Where the records below reach the line containing "#90=CYLINDRICAL_SURFACE('',#89,0.1969);", start transcribing, and end with the line containing "#96=CARTESIAN_POINT('',(7.443,0.5951,13.74));", exactly and with nothing else added.
========================
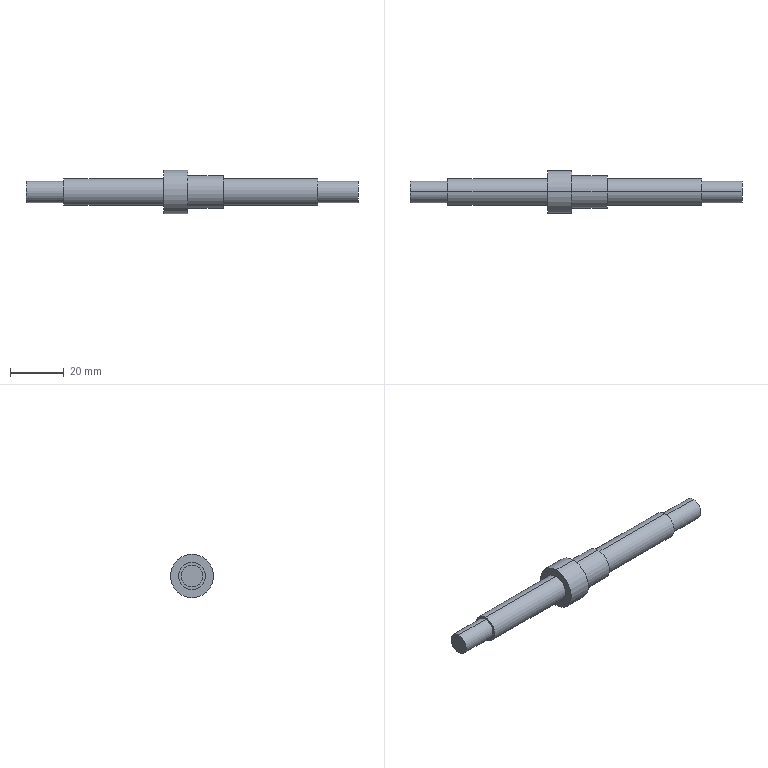Component | SolidWorks | IntermediateAxis-1 | 1 solid | 19 faces | box 123 x 16 x 16 mm | volume 10392 mm3 | cylinder 12 | plane 7 | commonest cylinder face diameters 8 x4 10 x4 12 x2 16 x2 | material AISI 1045 Steel, Cold Drawn
build123d program:
from build123d import *


with BuildPart() as part:
    # Sketch1 → Revolve1 (revolve)
    with BuildSketch(Plane.XY, mode=Mode.PRIVATE) as revolve1_sk:
        Polygon((0, 0), (0, 4), (14, 4), (14, 5), (51, 5), (51, 8), (60, 8), (60, 6), (73, 6), (73, 5), (108, 5), (108, 4), (123, 4), (123, 0), align=None)
    revolve(revolve1_sk.sketch.rotate(Axis((-147.307, 0, 0), (1, 0, 0)), 90), axis=Axis((-147.307, 0, 0), (1, 0, 0)))


solid = part.part

# Placed as in the assembly
solid = solid.moved(Location((116.062, 15.116, 349), (0, 0, 0)))
STEP:
#1=COLOUR_RGB('',0.7922,0.8196,0.9333);
#2=FILL_AREA_STYLE_COLOUR('',#1);
#3=FILL_AREA_STYLE('',(#2));
#4=SURFACE_STYLE_FILL_AREA(#3);
#5=SURFACE_SIDE_STYLE('',(#4));
#6=SURFACE_STYLE_USAGE(.BOTH.,#5);
#7=PRESENTATION_STYLE_ASSIGNMENT((#6));
#8=CARTESIAN_POINT('',(9.412,0.5951,13.898));
#9=VERTEX_POINT('',#8);
#10=CARTESIAN_POINT('',(9.412,0.5951,13.583));
#11=VERTEX_POINT('',#10);
#12=CARTESIAN_POINT('',(9.412,0.5951,13.74));
#13=DIRECTION('',(-1.,0.,0.));
#14=DIRECTION('',(0.,0.,1.));
#15=AXIS2_PLACEMENT_3D('',#12,#13,#14);
#16=CIRCLE('',#15,0.1575);
#17=EDGE_CURVE('',#9,#11,#16,.T.);
#18=ORIENTED_EDGE('',*,*,#17,.T.);
#19=CARTESIAN_POINT('',(8.821,0.5951,13.583));
#20=VERTEX_POINT('',#19);
#21=CARTESIAN_POINT('',(-1.23,0.5951,13.583));
#22=DIRECTION('',(-1.,0.,0.));
#23=VECTOR('',#22,39.37);
#24=LINE('',#21,#23);
#25=EDGE_CURVE('',#11,#20,#24,.T.);
#26=ORIENTED_EDGE('',*,*,#25,.T.);
#27=CARTESIAN_POINT('',(8.821,0.5951,13.898));
#28=VERTEX_POINT('',#27);
#29=CARTESIAN_POINT('',(8.821,0.5951,13.74));
#30=DIRECTION('',(-1.,0.,0.));
#31=DIRECTION('',(0.,0.,1.));
#32=AXIS2_PLACEMENT_3D('',#29,#30,#31);
#33=CIRCLE('',#32,0.1575);
#34=EDGE_CURVE('',#28,#20,#33,.T.);
#35=ORIENTED_EDGE('',*,*,#34,.F.);
#36=CARTESIAN_POINT('',(-1.23,0.5951,13.898));
#37=DIRECTION('',(-1.,0.,0.));
#38=VECTOR('',#37,39.37);
#39=LINE('',#36,#38);
#40=EDGE_CURVE('',#9,#28,#39,.T.);
#41=ORIENTED_EDGE('',*,*,#40,.F.);
#42=EDGE_LOOP('',(#18,#26,#35,#41));
#43=FACE_OUTER_BOUND('',#42,.T.);
#44=CARTESIAN_POINT('',(-1.23,0.5951,13.74));
#45=DIRECTION('',(-1.,0.,0.));
#46=DIRECTION('',(0.,0.,1.));
#47=AXIS2_PLACEMENT_3D('',#44,#45,#46);
#48=CYLINDRICAL_SURFACE('',#47,0.1575);
#49=ADVANCED_FACE('',(#43),#48,.T.);
#50=CARTESIAN_POINT('',(8.821,0.5951,13.937));
#51=VERTEX_POINT('',#50);
#52=CARTESIAN_POINT('',(8.821,0.5951,13.543));
#53=VERTEX_POINT('',#52);
#54=CARTESIAN_POINT('',(8.821,0.5951,13.74));
#55=DIRECTION('',(-1.,0.,0.));
#56=DIRECTION('',(0.,0.,1.));
#57=AXIS2_PLACEMENT_3D('',#54,#55,#56);
#58=CIRCLE('',#57,0.1969);
#59=EDGE_CURVE('',#51,#53,#58,.T.);
#60=ORIENTED_EDGE('',*,*,#59,.T.);
#61=CARTESIAN_POINT('',(7.443,0.5951,13.543));
#62=VERTEX_POINT('',#61);
#63=CARTESIAN_POINT('',(-1.23,0.5951,13.543));
#64=DIRECTION('',(-1.,0.,0.));
#65=VECTOR('',#64,39.37);
#66=LINE('',#63,#65);
#67=EDGE_CURVE('',#53,#62,#66,.T.);
#68=ORIENTED_EDGE('',*,*,#67,.T.);
#69=CARTESIAN_POINT('',(7.443,0.5951,13.937));
#70=VERTEX_POINT('',#69);
#71=CARTESIAN_POINT('',(7.443,0.5951,13.74));
#72=DIRECTION('',(-1.,0.,0.));
#73=DIRECTION('',(0.,0.,1.));
#74=AXIS2_PLACEMENT_3D('',#71,#72,#73);
#75=CIRCLE('',#74,0.1969);
#76=EDGE_CURVE('',#70,#62,#75,.T.);
#77=ORIENTED_EDGE('',*,*,#76,.F.);
#78=CARTESIAN_POINT('',(-1.23,0.5951,13.937));
#79=DIRECTION('',(-1.,0.,0.));
#80=VECTOR('',#79,39.37);
#81=LINE('',#78,#80);
#82=EDGE_CURVE('',#51,#70,#81,.T.);
#83=ORIENTED_EDGE('',*,*,#82,.F.);
#84=EDGE_LOOP('',(#60,#68,#77,#83));
#85=FACE_OUTER_BOUND('',#84,.T.);
#86=CARTESIAN_POINT('',(-1.23,0.5951,13.74));
#87=DIRECTION('',(-1.,0.,0.));
#88=DIRECTION('',(0.,0.,1.));
#89=AXIS2_PLACEMENT_3D('',#86,#87,#88);
#90=CYLINDRICAL_SURFACE('',#89,0.1969);
#91=ADVANCED_FACE('',(#85),#90,.T.);
#92=CARTESIAN_POINT('',(7.443,0.5951,13.976));
#93=VERTEX_POINT('',#92);
#94=CARTESIAN_POINT('',(7.443,0.5951,13.504));
#95=VERTEX_POINT('',#94);
#96=CARTESIAN_POINT('',(7.443,0.5951,13.74));
#97=DIRECTION('',(-1.,0.,0.));
#98=DIRECTION('',(0.,0.,1.));
#99=AXIS2_PLACEMENT_3D('',#96,#97,#98);
#100=CIRCLE('',#99,0.2362);
#101=EDGE_CURVE('',#93,#95,#100,.T.);
#102=ORIENTED_EDGE('',*,*,#101,.T.);
#103=CARTESIAN_POINT('',(6.932,0.5951,13.504));
#104=VERTEX_POINT('',#103);
#105=CARTESIAN_POINT('',(-1.23,0.5951,13.504));
#106=DIRECTION('',(-1.,0.,0.));
#107=VECTOR('',#106,39.37);
#108=LINE('',#105,#107);
#109=EDGE_CURVE('',#95,#104,#108,.T.);
#110=ORIENTED_EDGE('',*,*,#109,.T.);
#111=CARTESIAN_POINT('',(6.932,0.5951,13.976));
#112=VERTEX_POINT('',#111);
#113=CARTESIAN_POINT('',(6.932,0.5951,13.74));
#114=DIRECTION('',(-1.,0.,0.));
#115=DIRECTION('',(0.,0.,1.));
#116=AXIS2_PLACEMENT_3D('',#113,#114,#115);
#117=CIRCLE('',#116,0.2362);
#118=EDGE_CURVE('',#112,#104,#117,.T.);
#119=ORIENTED_EDGE('',*,*,#118,.F.);
#120=CARTESIAN_POINT('',(-1.23,0.5951,13.976));
#121=DIRECTION('',(-1.,0.,0.));
#122=VECTOR('',#121,39.37);
#123=LINE('',#120,#122);
#124=EDGE_CURVE('',#93,#112,#123,.T.);
#125=ORIENTED_EDGE('',*,*,#124,.F.);
#126=EDGE_LOOP('',(#102,#110,#119,#125));
#127=FACE_OUTER_BOUND('',#126,.T.);
#128=CARTESIAN_POINT('',(-1.23,0.5951,13.74));
#129=DIRECTION('',(-1.,0.,0.));
#130=DIRECTION('',(0.,0.,1.));
#131=AXIS2_PLACEMENT_3D('',#128,#129,#130);
#132=CYLINDRICAL_SURFACE('',#131,0.2362);
#133=ADVANCED_FACE('',(#127),#132,.T.);
#134=CARTESIAN_POINT('',(6.932,0.5951,14.055));
#135=VERTEX_POINT('',#134);
#136=CARTESIAN_POINT('',(6.932,0.5951,13.425));
#137=VERTEX_POINT('',#136);
#138=CARTESIAN_POINT('',(6.932,0.5951,13.74));
#139=DIRECTION('',(-1.,0.,0.));
#140=DIRECTION('',(0.,0.,1.));
#141=AXIS2_PLACEMENT_3D('',#138,#139,#140);
#142=CIRCLE('',#141,0.315);
#143=EDGE_CURVE('',#135,#137,#142,.T.);
#144=ORIENTED_EDGE('',*,*,#143,.T.);
#145=CARTESIAN_POINT('',(6.577,0.5951,13.425));
#146=VERTEX_POINT('',#145);
#147=CARTESIAN_POINT('',(-1.23,0.5951,13.425));
#148=DIRECTION('',(-1.,0.,0.));
#149=VECTOR('',#148,39.37);
#150=LINE('',#147,#149);
#151=EDGE_CURVE('',#137,#146,#150,.T.);
#152=ORIENTED_EDGE('',*,*,#151,.T.);
#153=CARTESIAN_POINT('',(6.577,0.5951,14.055));
#154=VERTEX_POINT('',#153);
#155=CARTESIAN_POINT('',(6.577,0.5951,13.74));
#156=DIRECTION('',(-1.,0.,0.));
#157=DIRECTION('',(0.,0.,1.));
#158=AXIS2_PLACEMENT_3D('',#155,#156,#157);
#159=CIRCLE('',#158,0.315);
#160=EDGE_CURVE('',#154,#146,#159,.T.);
#161=ORIENTED_EDGE('',*,*,#160,.F.);
#162=CARTESIAN_POINT('',(-1.23,0.5951,14.055));
#163=DIRECTION('',(-1.,0.,0.));
#164=VECTOR('',#163,39.37);
#165=LINE('',#162,#164);
#166=EDGE_CURVE('',#135,#154,#165,.T.);
#167=ORIENTED_EDGE('',*,*,#166,.F.);
#168=EDGE_LOOP('',(#144,#152,#161,#167));
#169=FACE_OUTER_BOUND('',#168,.T.);
#170=CARTESIAN_POINT('',(-1.23,0.5951,13.74));
#171=DIRECTION('',(-1.,0.,0.));
#172=DIRECTION('',(0.,0.,1.));
#173=AXIS2_PLACEMENT_3D('',#170,#171,#172);
#174=CYLINDRICAL_SURFACE('',#173,0.315);
#175=ADVANCED_FACE('',(#169),#174,.T.);
#176=CARTESIAN_POINT('',(6.577,0.5951,13.937));
#177=VERTEX_POINT('',#176);
#178=CARTESIAN_POINT('',(6.577,0.5951,13.543));
#179=VERTEX_POINT('',#178);
#180=CARTESIAN_POINT('',(6.577,0.5951,13.74));
#181=DIRECTION('',(-1.,0.,0.));
#182=DIRECTION('',(0.,0.,1.));
#183=AXIS2_PLACEMENT_3D('',#180,#181,#182);
#184=CIRCLE('',#183,0.1969);
#185=EDGE_CURVE('',#177,#179,#184,.T.);
#186=ORIENTED_EDGE('',*,*,#185,.T.);
#187=CARTESIAN_POINT('',(5.121,0.5951,13.543));
#188=VERTEX_POINT('',#187);
#189=CARTESIAN_POINT('',(-1.23,0.5951,13.543));
#190=DIRECTION('',(-1.,0.,0.));
#191=VECTOR('',#190,39.37);
#192=LINE('',#189,#191);
#193=EDGE_CURVE('',#179,#188,#192,.T.);
#194=ORIENTED_EDGE('',*,*,#193,.T.);
#195=CARTESIAN_POINT('',(5.121,0.5951,13.937));
#196=VERTEX_POINT('',#195);
#197=CARTESIAN_POINT('',(5.121,0.5951,13.74));
#198=DIRECTION('',(-1.,0.,0.));
#199=DIRECTION('',(0.,0.,1.));
#200=AXIS2_PLACEMENT_3D('',#197,#198,#199);
#201=CIRCLE('',#200,0.1969);
#202=EDGE_CURVE('',#196,#188,#201,.T.);
#203=ORIENTED_EDGE('',*,*,#202,.F.);
#204=CARTESIAN_POINT('',(-1.23,0.5951,13.937));
#205=DIRECTION('',(-1.,0.,0.));
#206=VECTOR('',#205,39.37);
#207=LINE('',#204,#206);
#208=EDGE_CURVE('',#177,#196,#207,.T.);
#209=ORIENTED_EDGE('',*,*,#208,.F.);
#210=EDGE_LOOP('',(#186,#194,#203,#209));
#211=FACE_OUTER_BOUND('',#210,.T.);
#212=CARTESIAN_POINT('',(-1.23,0.5951,13.74));
#213=DIRECTION('',(-1.,0.,0.));
#214=DIRECTION('',(0.,0.,1.));
#215=AXIS2_PLACEMENT_3D('',#212,#213,#214);
#216=CYLINDRICAL_SURFACE('',#215,0.1969);
#217=ADVANCED_FACE('',(#211),#216,.T.);
#218=CARTESIAN_POINT('',(5.121,0.5951,13.898));
#219=VERTEX_POINT('',#218);
#220=CARTESIAN_POINT('',(5.121,0.5951,13.583));
#221=VERTEX_POINT('',#220);
#222=CARTESIAN_POINT('',(5.121,0.5951,13.74));
#223=DIRECTION('',(-1.,0.,0.));
#224=DIRECTION('',(0.,0.,1.));
#225=AXIS2_PLACEMENT_3D('',#222,#223,#224);
#226=CIRCLE('',#225,0.1575);
#227=EDGE_CURVE('',#219,#221,#226,.T.);
#228=ORIENTED_EDGE('',*,*,#227,.T.);
#229=CARTESIAN_POINT('',(4.569,0.5951,13.583));
#230=VERTEX_POINT('',#229);
#231=CARTESIAN_POINT('',(-1.23,0.5951,13.583));
#232=DIRECTION('',(-1.,0.,0.));
#233=VECTOR('',#232,39.37);
#234=LINE('',#231,#233);
#235=EDGE_CURVE('',#221,#230,#234,.T.);
#236=ORIENTED_EDGE('',*,*,#235,.T.);
#237=CARTESIAN_POINT('',(4.569,0.5951,13.898));
#238=VERTEX_POINT('',#237);
#239=CARTESIAN_POINT('',(4.569,0.5951,13.74));
#240=DIRECTION('',(-1.,0.,0.));
#241=DIRECTION('',(0.,0.,1.));
#242=AXIS2_PLACEMENT_3D('',#239,#240,#241);
#243=CIRCLE('',#242,0.1575);
#244=EDGE_CURVE('',#238,#230,#243,.T.);
#245=ORIENTED_EDGE('',*,*,#244,.F.);
#246=CARTESIAN_POINT('',(-1.23,0.5951,13.898));
#247=DIRECTION('',(-1.,0.,0.));
#248=VECTOR('',#247,39.37);
#249=LINE('',#246,#248);
#250=EDGE_CURVE('',#219,#238,#249,.T.);
#251=ORIENTED_EDGE('',*,*,#250,.F.);
#252=EDGE_LOOP('',(#228,#236,#245,#251));
#253=FACE_OUTER_BOUND('',#252,.T.);
#254=CARTESIAN_POINT('',(-1.23,0.5951,13.74));
#255=DIRECTION('',(-1.,0.,0.));
#256=DIRECTION('',(0.,0.,1.));
#257=AXIS2_PLACEMENT_3D('',#254,#255,#256);
#258=CYLINDRICAL_SURFACE('',#257,0.1575);
#259=ADVANCED_FACE('',(#253),#258,.T.);
#260=ORIENTED_EDGE('',*,*,#244,.T.);
#261=CARTESIAN_POINT('',(4.569,0.5951,13.74));
#262=DIRECTION('',(-1.,0.,0.));
#263=DIRECTION('',(0.,0.,1.));
#264=AXIS2_PLACEMENT_3D('',#261,#262,#263);
#265=CIRCLE('',#264,0.1575);
#266=EDGE_CURVE('',#230,#238,#265,.T.);
#267=ORIENTED_EDGE('',*,*,#266,.T.);
#268=EDGE_LOOP('',(#260,#267));
#269=FACE_OUTER_BOUND('',#268,.T.);
#270=CARTESIAN_POINT('',(4.569,0.5951,13.74));
#271=DIRECTION('',(1.,0.,0.));
#272=DIRECTION('',(0.,0.,-1.));
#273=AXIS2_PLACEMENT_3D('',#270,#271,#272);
========================
RESULT FOR THIS TASK:
#90=CYLINDRICAL_SURFACE('',#89,0.1969);
#91=ADVANCED_FACE('',(#85),#90,.T.);
#92=CARTESIAN_POINT('',(7.443,0.5951,13.976));
#93=VERTEX_POINT('',#92);
#94=CARTESIAN_POINT('',(7.443,0.5951,13.504));
#95=VERTEX_POINT('',#94);
#96=CARTESIAN_POINT('',(7.443,0.5951,13.74));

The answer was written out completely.